GOAL OF THE EXERCISE |
Find the number of lines below in which the word "SOLIDWALL" occurs. Write only that number.
BEGIN DATA SHOWN
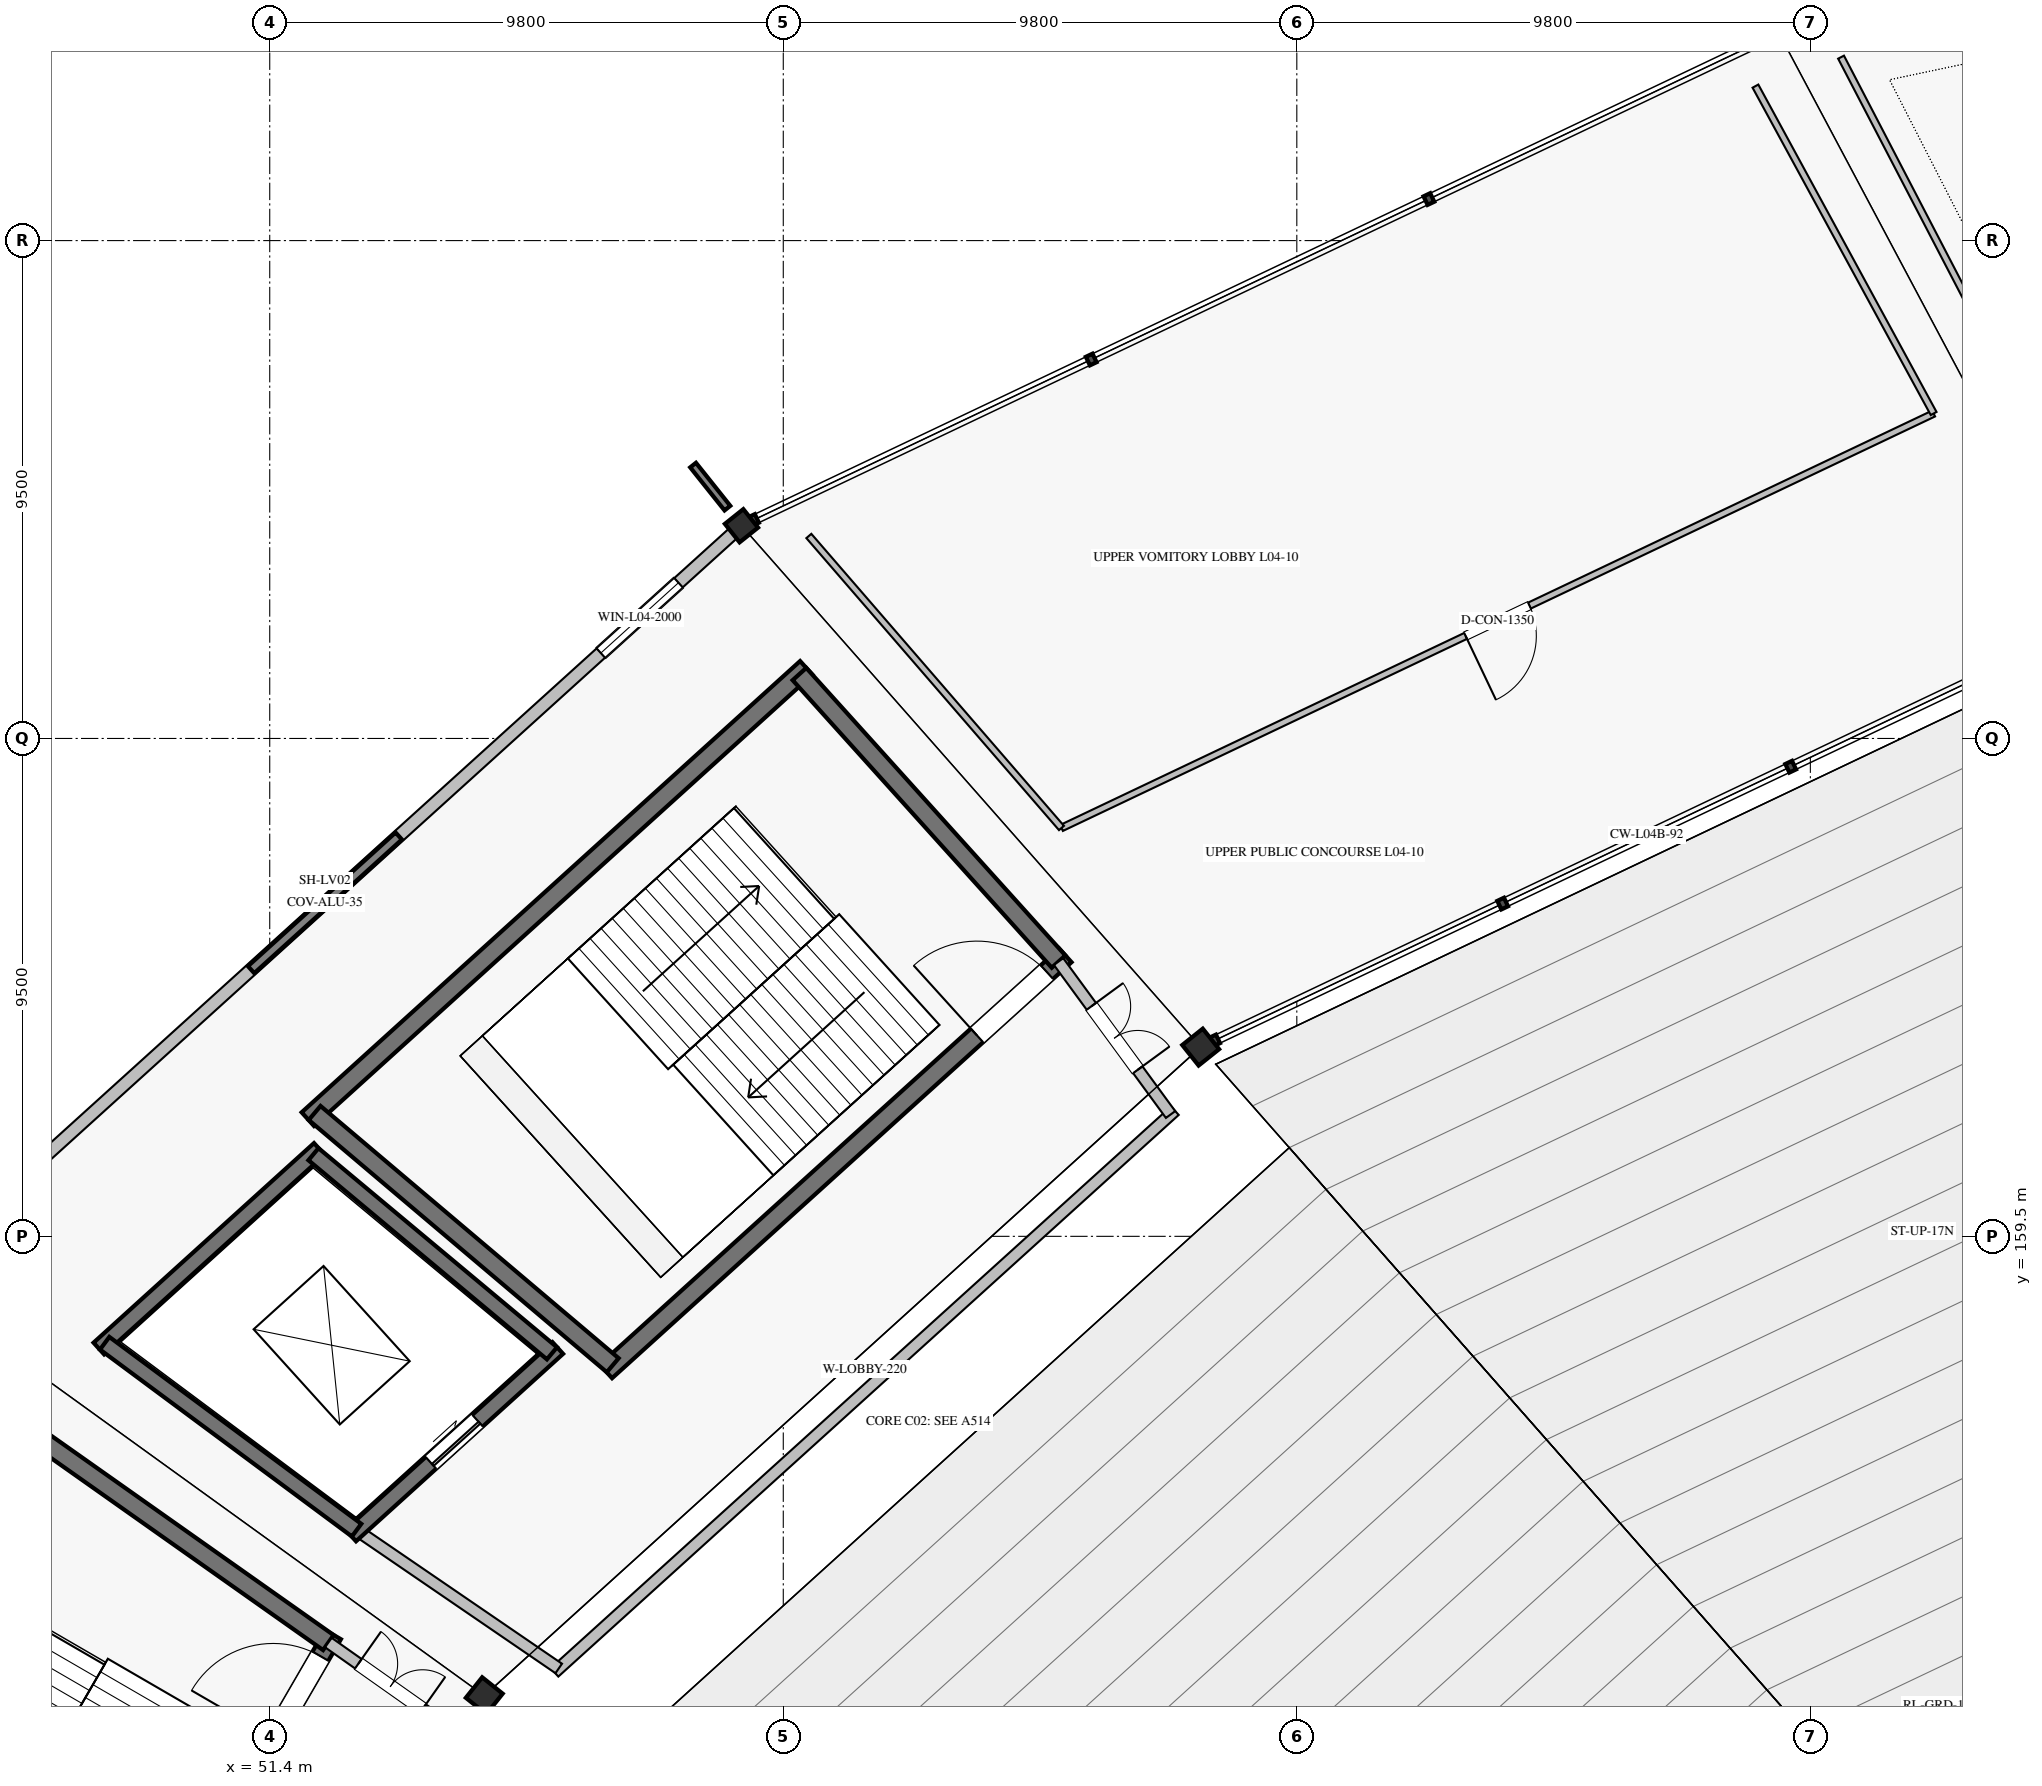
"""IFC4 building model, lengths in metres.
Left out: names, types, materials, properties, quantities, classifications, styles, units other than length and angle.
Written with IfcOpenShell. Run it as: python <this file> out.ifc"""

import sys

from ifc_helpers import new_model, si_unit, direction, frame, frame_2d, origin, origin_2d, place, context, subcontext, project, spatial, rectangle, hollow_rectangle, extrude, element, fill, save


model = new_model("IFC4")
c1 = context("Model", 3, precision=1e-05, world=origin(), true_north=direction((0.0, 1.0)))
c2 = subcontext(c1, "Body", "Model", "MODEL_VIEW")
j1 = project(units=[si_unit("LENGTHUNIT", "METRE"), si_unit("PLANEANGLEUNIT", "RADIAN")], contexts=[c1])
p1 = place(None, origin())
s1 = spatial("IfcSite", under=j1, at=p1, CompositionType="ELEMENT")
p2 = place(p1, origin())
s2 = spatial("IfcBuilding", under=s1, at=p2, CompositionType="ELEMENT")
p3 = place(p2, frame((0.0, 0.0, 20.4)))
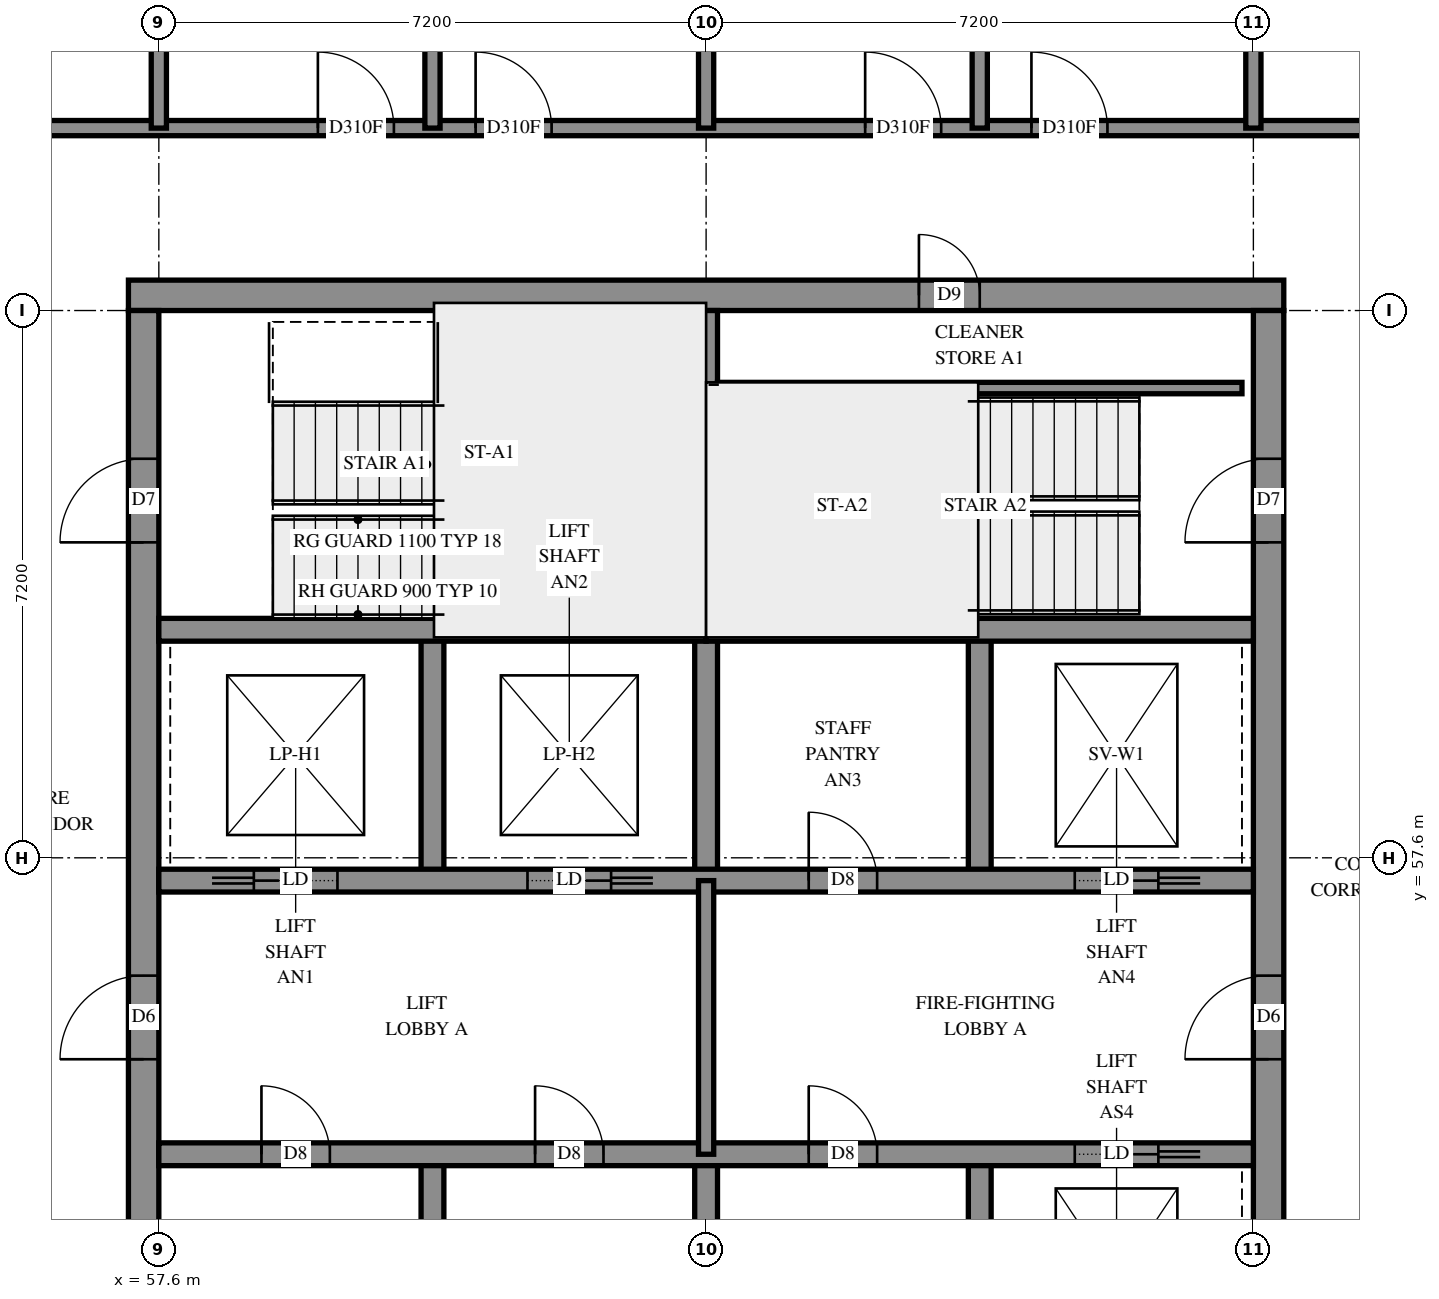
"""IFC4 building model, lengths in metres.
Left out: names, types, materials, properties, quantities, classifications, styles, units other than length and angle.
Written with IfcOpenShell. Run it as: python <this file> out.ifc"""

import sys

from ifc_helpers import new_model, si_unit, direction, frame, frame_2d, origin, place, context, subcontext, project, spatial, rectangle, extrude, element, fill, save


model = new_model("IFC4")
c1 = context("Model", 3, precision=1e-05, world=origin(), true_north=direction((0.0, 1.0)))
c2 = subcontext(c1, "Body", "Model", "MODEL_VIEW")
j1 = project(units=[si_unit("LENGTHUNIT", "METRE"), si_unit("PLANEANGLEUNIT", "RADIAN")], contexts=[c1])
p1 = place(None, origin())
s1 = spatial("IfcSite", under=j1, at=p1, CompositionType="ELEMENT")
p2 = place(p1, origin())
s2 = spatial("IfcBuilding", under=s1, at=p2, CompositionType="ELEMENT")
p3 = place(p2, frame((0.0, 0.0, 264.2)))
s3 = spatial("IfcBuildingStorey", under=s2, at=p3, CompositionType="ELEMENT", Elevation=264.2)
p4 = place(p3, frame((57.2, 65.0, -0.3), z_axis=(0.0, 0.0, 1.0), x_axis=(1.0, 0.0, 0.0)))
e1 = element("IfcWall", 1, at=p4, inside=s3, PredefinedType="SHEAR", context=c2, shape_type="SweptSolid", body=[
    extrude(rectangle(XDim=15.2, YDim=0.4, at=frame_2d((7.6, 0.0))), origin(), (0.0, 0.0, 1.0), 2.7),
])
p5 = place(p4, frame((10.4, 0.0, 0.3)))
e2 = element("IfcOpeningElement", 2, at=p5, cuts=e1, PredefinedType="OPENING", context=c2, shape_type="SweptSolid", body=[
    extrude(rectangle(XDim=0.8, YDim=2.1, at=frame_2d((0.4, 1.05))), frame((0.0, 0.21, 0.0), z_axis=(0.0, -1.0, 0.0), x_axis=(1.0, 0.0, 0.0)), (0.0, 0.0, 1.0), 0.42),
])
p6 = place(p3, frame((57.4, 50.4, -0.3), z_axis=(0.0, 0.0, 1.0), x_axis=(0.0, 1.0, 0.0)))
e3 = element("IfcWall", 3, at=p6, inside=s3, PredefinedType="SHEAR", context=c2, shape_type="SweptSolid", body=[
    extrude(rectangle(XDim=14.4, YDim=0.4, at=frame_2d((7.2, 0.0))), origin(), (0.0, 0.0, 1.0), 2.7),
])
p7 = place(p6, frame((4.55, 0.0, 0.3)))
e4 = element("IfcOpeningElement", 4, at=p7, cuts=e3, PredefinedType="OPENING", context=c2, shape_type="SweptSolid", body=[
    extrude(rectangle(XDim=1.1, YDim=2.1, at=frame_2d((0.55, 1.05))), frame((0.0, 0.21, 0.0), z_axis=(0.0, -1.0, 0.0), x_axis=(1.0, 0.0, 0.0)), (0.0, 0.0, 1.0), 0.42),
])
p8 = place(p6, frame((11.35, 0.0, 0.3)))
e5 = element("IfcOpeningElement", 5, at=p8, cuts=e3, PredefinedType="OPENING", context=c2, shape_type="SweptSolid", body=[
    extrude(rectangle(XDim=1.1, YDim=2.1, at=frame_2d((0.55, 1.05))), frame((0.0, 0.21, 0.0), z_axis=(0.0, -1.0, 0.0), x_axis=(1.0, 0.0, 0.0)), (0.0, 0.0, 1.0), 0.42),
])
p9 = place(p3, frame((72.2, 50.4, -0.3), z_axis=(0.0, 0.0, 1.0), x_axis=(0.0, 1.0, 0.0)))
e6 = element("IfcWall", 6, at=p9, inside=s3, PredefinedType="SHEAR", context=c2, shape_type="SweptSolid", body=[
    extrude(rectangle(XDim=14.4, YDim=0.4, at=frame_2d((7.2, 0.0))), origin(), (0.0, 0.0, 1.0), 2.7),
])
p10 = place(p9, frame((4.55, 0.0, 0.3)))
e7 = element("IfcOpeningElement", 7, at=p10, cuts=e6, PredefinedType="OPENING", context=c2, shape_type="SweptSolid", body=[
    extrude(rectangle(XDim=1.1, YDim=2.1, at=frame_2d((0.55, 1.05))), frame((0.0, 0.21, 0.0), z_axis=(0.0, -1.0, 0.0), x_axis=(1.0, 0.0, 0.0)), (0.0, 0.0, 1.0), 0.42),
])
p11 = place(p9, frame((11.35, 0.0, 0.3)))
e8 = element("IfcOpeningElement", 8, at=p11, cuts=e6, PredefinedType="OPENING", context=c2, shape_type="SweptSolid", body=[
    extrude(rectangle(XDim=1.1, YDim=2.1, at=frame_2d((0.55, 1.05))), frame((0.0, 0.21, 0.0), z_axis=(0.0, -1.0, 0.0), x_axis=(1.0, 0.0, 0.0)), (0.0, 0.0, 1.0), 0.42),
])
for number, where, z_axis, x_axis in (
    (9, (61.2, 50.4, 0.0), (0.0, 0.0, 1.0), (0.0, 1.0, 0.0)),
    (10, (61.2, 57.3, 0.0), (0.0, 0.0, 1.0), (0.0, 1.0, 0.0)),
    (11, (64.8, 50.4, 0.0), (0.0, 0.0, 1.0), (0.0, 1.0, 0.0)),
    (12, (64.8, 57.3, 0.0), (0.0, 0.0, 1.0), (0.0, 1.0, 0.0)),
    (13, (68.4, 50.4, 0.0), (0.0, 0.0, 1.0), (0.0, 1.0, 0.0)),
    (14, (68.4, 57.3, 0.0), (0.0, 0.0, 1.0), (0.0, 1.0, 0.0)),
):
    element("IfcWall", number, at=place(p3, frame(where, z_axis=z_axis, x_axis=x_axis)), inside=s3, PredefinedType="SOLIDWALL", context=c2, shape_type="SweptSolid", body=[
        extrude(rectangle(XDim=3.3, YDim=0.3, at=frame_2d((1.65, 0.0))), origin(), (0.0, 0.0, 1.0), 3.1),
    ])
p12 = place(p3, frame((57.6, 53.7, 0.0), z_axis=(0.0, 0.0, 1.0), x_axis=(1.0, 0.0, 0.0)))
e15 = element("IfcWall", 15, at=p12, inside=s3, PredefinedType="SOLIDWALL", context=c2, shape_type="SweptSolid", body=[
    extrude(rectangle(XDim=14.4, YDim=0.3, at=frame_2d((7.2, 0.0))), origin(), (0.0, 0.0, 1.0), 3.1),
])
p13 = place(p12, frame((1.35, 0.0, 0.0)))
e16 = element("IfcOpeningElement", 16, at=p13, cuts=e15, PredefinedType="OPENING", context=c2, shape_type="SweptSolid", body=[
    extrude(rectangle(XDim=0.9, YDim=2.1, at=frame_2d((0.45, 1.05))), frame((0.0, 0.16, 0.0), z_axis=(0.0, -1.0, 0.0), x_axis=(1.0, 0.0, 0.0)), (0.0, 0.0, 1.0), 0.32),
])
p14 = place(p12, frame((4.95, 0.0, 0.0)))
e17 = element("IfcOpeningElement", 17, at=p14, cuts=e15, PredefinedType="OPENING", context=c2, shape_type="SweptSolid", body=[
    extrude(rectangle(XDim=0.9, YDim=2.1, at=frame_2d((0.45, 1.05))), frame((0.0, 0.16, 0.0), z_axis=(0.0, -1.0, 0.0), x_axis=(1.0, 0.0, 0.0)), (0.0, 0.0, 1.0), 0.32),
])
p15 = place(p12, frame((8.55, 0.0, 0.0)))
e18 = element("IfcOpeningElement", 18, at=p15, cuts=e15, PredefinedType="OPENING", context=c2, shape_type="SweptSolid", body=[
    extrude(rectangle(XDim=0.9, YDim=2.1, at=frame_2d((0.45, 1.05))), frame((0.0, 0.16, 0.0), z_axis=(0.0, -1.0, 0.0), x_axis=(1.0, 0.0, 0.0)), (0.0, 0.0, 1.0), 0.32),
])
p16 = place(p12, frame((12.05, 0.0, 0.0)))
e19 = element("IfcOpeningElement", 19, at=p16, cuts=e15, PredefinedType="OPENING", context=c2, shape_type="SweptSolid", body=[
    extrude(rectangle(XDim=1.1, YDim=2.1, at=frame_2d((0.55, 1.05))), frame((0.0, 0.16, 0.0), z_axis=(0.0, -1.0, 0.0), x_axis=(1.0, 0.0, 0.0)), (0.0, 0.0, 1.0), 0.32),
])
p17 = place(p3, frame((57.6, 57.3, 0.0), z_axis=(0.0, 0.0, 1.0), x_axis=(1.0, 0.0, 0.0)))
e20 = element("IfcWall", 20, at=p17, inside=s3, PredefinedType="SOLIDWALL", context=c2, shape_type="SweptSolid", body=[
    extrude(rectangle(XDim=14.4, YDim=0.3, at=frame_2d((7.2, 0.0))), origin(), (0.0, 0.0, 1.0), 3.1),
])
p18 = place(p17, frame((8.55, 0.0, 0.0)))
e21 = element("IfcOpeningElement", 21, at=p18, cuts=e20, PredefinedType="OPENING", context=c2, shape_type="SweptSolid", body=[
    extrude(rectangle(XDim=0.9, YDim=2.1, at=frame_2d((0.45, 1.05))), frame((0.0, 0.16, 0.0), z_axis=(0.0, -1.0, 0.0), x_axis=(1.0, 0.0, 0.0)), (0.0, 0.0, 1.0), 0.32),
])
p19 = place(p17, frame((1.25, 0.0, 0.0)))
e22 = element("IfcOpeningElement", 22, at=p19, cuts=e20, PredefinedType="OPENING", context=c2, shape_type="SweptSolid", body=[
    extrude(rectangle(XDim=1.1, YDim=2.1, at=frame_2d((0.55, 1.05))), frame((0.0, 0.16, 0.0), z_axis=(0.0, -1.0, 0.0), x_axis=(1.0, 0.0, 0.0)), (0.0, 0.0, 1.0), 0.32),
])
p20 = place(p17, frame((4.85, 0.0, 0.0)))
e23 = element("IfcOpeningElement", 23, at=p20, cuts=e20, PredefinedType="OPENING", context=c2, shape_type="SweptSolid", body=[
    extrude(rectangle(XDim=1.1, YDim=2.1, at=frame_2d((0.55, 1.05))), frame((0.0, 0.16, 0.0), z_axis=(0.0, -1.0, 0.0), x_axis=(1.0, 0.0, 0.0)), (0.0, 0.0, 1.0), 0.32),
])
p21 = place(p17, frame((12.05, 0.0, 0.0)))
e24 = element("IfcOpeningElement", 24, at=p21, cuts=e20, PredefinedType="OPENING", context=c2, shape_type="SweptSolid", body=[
END DATA SHOWN
RESPONSE BELOW |
3